Your answer consists of the lines in the data that contain "source". Copy each of them.
──────── Dataset entries ────────
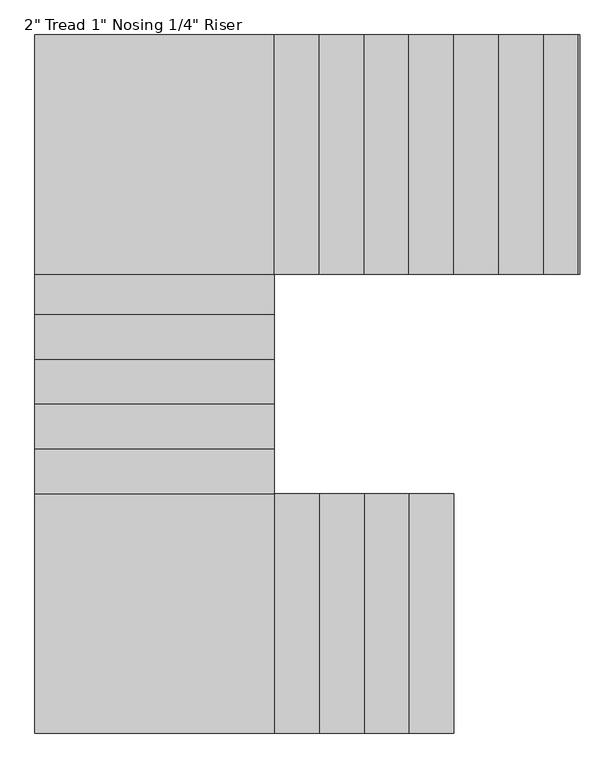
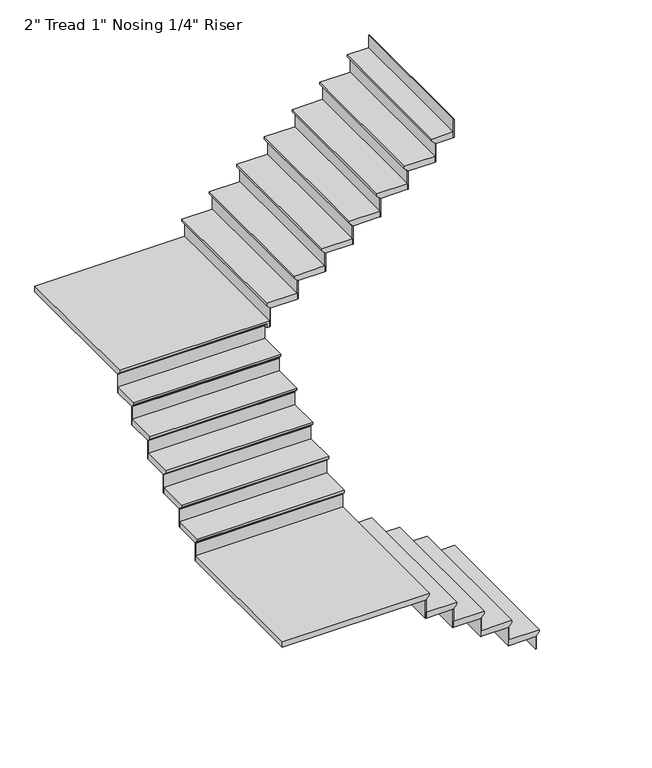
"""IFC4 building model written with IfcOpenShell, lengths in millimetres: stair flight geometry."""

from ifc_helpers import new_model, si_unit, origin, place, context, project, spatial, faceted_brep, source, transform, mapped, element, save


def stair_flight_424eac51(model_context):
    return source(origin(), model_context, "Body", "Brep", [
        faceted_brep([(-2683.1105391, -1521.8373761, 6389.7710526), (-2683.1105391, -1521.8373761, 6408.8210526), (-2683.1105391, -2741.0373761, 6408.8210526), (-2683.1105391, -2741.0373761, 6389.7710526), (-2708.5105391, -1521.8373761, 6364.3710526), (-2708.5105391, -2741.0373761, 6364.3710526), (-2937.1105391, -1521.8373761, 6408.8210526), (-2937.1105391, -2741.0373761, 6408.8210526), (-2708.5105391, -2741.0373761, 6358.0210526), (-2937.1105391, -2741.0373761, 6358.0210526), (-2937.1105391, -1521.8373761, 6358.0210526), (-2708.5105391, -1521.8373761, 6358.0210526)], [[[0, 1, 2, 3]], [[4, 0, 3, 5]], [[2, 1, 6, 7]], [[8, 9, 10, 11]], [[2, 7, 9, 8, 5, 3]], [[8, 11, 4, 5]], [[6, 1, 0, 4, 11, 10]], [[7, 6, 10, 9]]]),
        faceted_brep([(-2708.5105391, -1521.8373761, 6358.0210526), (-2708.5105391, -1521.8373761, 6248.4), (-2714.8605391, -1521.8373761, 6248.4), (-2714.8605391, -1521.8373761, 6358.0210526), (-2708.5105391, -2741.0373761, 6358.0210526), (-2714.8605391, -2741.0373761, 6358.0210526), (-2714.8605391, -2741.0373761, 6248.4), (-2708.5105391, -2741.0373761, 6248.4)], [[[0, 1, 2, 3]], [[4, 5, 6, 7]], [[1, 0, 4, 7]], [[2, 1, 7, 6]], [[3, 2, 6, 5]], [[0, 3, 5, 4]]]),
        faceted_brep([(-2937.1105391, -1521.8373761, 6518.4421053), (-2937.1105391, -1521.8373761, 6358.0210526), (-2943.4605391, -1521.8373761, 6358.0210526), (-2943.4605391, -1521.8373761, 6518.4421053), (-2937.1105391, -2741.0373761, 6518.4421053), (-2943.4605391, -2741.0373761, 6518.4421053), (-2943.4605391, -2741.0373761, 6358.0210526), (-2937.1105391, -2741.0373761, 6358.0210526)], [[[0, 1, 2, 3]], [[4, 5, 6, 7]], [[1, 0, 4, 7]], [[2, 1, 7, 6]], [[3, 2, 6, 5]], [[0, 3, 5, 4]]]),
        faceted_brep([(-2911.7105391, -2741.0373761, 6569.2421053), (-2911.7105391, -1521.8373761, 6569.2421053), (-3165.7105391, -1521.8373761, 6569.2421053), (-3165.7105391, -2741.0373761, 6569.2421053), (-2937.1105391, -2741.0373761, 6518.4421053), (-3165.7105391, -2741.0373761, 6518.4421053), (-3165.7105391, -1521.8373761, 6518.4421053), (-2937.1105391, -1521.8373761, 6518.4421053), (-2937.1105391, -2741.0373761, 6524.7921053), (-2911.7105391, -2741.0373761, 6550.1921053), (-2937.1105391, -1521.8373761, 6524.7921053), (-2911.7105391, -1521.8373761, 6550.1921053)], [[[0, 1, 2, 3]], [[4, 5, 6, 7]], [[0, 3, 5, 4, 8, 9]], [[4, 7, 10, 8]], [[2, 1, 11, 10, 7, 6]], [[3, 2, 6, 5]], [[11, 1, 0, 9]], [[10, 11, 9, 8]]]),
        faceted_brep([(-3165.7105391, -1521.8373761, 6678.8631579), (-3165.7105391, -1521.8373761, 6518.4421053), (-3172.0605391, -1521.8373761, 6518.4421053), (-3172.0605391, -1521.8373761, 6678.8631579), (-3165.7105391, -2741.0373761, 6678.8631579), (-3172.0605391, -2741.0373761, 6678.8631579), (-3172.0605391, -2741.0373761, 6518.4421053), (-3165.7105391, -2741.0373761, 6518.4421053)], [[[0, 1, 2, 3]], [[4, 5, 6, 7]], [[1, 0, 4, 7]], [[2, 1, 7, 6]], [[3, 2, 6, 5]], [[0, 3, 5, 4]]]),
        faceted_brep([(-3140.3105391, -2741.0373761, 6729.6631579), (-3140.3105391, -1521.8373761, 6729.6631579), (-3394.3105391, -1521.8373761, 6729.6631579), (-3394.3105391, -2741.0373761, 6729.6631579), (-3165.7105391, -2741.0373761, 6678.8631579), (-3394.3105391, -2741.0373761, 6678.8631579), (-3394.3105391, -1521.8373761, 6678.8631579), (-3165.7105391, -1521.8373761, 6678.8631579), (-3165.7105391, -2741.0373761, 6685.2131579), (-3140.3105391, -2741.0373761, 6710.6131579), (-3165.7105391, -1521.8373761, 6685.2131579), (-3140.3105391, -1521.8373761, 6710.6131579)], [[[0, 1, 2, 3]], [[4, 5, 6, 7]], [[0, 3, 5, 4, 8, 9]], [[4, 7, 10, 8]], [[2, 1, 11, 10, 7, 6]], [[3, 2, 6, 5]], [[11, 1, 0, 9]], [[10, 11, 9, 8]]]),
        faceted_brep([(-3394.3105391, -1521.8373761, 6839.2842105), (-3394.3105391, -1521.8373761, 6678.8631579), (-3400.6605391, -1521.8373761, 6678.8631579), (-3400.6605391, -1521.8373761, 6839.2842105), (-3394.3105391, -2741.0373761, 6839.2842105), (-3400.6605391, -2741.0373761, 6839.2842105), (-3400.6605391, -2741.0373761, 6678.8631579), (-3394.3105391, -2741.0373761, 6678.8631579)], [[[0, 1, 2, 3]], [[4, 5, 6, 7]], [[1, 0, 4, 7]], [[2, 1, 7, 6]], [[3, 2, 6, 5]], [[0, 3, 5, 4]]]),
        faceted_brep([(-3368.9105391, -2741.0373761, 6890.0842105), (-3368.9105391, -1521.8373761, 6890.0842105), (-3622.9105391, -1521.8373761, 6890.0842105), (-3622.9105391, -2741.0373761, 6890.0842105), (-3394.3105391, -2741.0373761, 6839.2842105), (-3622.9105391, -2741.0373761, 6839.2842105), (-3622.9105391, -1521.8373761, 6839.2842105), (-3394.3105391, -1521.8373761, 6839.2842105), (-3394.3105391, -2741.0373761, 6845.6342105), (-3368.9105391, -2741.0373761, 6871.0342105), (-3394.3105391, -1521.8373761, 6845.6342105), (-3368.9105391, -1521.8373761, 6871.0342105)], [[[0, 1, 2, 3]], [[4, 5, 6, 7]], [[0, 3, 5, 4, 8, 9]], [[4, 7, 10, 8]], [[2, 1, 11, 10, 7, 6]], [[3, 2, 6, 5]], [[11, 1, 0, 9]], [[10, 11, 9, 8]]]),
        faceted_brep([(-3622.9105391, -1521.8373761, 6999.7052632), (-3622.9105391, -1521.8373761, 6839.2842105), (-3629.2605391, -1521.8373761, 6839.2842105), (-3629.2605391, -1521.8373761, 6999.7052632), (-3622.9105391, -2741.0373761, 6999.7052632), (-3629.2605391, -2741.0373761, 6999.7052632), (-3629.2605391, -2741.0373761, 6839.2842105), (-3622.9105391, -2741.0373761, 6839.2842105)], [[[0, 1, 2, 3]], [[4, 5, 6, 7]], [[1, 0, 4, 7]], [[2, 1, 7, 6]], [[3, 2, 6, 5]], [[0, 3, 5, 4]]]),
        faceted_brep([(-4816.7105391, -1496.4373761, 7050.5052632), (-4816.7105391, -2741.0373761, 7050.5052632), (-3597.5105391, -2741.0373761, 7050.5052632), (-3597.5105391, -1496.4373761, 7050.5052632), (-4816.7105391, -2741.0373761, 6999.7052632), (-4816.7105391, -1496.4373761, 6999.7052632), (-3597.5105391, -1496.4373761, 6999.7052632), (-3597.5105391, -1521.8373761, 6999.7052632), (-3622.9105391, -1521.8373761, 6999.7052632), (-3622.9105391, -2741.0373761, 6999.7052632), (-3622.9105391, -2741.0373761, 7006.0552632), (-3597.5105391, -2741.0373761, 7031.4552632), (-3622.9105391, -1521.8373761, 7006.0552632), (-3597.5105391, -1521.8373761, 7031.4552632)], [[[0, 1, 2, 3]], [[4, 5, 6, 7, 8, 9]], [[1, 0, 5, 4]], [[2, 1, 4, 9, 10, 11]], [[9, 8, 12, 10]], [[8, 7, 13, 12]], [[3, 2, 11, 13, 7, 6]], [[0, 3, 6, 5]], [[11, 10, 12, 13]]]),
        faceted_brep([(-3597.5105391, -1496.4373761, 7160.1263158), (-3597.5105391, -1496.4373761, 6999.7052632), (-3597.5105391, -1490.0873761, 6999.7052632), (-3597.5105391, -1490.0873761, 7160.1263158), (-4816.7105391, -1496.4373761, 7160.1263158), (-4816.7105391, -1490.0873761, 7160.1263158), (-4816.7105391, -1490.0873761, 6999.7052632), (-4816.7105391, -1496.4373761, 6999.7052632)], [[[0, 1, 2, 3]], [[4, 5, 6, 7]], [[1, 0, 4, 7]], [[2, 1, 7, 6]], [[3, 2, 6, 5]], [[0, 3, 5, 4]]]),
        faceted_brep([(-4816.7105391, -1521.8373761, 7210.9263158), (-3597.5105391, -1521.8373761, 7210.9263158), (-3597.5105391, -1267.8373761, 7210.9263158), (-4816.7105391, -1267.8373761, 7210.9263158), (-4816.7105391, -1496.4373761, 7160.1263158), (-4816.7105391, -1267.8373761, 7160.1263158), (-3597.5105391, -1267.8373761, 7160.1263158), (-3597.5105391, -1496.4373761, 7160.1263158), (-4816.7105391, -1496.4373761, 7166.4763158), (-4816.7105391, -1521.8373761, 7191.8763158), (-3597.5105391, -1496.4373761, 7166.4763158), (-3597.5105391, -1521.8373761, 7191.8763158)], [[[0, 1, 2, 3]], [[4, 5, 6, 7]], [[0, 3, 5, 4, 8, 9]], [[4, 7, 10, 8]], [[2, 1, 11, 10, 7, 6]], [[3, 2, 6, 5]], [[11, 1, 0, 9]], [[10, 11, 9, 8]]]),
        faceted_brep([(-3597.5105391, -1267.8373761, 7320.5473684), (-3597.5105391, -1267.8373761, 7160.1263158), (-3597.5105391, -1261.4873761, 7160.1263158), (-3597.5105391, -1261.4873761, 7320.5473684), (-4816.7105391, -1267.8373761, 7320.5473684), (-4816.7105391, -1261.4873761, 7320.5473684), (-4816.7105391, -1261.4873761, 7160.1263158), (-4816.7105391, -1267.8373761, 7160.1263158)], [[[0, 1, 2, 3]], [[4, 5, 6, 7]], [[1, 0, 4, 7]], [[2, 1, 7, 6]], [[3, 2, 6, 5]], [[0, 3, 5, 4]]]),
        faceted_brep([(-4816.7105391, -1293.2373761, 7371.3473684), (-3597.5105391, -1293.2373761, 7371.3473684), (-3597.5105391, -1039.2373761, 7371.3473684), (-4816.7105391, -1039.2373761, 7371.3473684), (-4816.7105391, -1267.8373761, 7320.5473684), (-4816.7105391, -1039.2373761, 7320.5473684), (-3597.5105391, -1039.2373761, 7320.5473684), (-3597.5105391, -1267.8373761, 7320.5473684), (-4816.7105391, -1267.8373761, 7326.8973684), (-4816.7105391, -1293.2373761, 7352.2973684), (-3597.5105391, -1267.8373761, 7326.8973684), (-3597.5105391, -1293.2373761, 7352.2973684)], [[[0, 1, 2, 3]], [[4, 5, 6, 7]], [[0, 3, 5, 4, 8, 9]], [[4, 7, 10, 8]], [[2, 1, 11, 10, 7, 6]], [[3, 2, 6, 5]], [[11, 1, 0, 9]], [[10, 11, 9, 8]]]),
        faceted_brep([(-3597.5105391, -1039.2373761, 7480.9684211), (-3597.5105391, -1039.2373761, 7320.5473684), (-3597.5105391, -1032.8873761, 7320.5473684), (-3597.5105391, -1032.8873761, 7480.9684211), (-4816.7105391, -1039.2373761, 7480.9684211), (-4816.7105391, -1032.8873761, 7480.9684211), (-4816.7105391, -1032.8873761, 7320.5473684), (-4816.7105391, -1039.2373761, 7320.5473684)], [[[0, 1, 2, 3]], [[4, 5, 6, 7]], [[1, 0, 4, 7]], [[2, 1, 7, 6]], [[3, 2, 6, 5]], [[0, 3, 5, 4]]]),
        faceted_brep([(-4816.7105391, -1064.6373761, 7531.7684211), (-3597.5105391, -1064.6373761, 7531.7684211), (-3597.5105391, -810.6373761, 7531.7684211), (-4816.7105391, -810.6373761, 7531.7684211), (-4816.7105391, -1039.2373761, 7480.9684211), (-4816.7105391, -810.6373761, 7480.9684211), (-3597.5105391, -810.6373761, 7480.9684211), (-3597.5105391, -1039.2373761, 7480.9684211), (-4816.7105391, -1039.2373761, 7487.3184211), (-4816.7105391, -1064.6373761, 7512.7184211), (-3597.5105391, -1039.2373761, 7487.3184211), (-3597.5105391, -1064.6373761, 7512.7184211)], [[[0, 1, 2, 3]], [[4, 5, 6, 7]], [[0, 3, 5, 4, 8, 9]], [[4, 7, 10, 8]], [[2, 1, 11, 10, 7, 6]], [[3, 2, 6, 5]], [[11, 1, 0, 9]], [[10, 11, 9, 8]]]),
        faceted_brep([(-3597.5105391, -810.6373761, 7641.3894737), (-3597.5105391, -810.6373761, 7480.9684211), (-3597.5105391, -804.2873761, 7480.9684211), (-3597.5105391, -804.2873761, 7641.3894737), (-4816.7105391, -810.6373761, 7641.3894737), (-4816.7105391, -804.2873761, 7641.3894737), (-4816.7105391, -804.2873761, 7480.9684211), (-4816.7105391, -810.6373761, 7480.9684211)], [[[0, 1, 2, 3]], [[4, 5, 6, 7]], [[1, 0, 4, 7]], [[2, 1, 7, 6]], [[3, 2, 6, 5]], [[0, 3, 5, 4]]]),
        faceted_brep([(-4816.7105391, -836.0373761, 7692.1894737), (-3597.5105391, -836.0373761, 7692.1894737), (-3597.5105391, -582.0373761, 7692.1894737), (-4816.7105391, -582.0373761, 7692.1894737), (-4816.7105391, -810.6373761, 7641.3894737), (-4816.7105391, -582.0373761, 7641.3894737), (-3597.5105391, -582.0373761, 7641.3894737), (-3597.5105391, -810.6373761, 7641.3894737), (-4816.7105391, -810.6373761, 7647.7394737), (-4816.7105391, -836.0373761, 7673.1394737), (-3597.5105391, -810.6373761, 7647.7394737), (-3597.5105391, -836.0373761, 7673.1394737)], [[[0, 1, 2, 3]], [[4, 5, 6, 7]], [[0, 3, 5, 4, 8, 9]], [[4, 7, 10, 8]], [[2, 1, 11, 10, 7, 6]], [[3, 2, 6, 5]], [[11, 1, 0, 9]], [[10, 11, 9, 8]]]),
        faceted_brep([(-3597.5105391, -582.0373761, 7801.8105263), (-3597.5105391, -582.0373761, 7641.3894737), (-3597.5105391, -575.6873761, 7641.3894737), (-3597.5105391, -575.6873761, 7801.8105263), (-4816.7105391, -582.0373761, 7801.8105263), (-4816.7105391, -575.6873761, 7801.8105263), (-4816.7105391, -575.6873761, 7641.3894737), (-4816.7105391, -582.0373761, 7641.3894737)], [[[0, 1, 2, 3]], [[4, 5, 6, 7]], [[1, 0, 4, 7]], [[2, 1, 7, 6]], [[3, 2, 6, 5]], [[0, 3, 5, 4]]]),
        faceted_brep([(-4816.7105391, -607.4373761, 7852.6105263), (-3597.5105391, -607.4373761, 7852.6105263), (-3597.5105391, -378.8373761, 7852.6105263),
────────
● **Response to this exercise**:
from ifc_helpers import new_model, si_unit, origin, place, context, project, spatial, faceted_brep, source, transform, mapped, element, save
    return source(origin(), model_context, "Body", "Brep", [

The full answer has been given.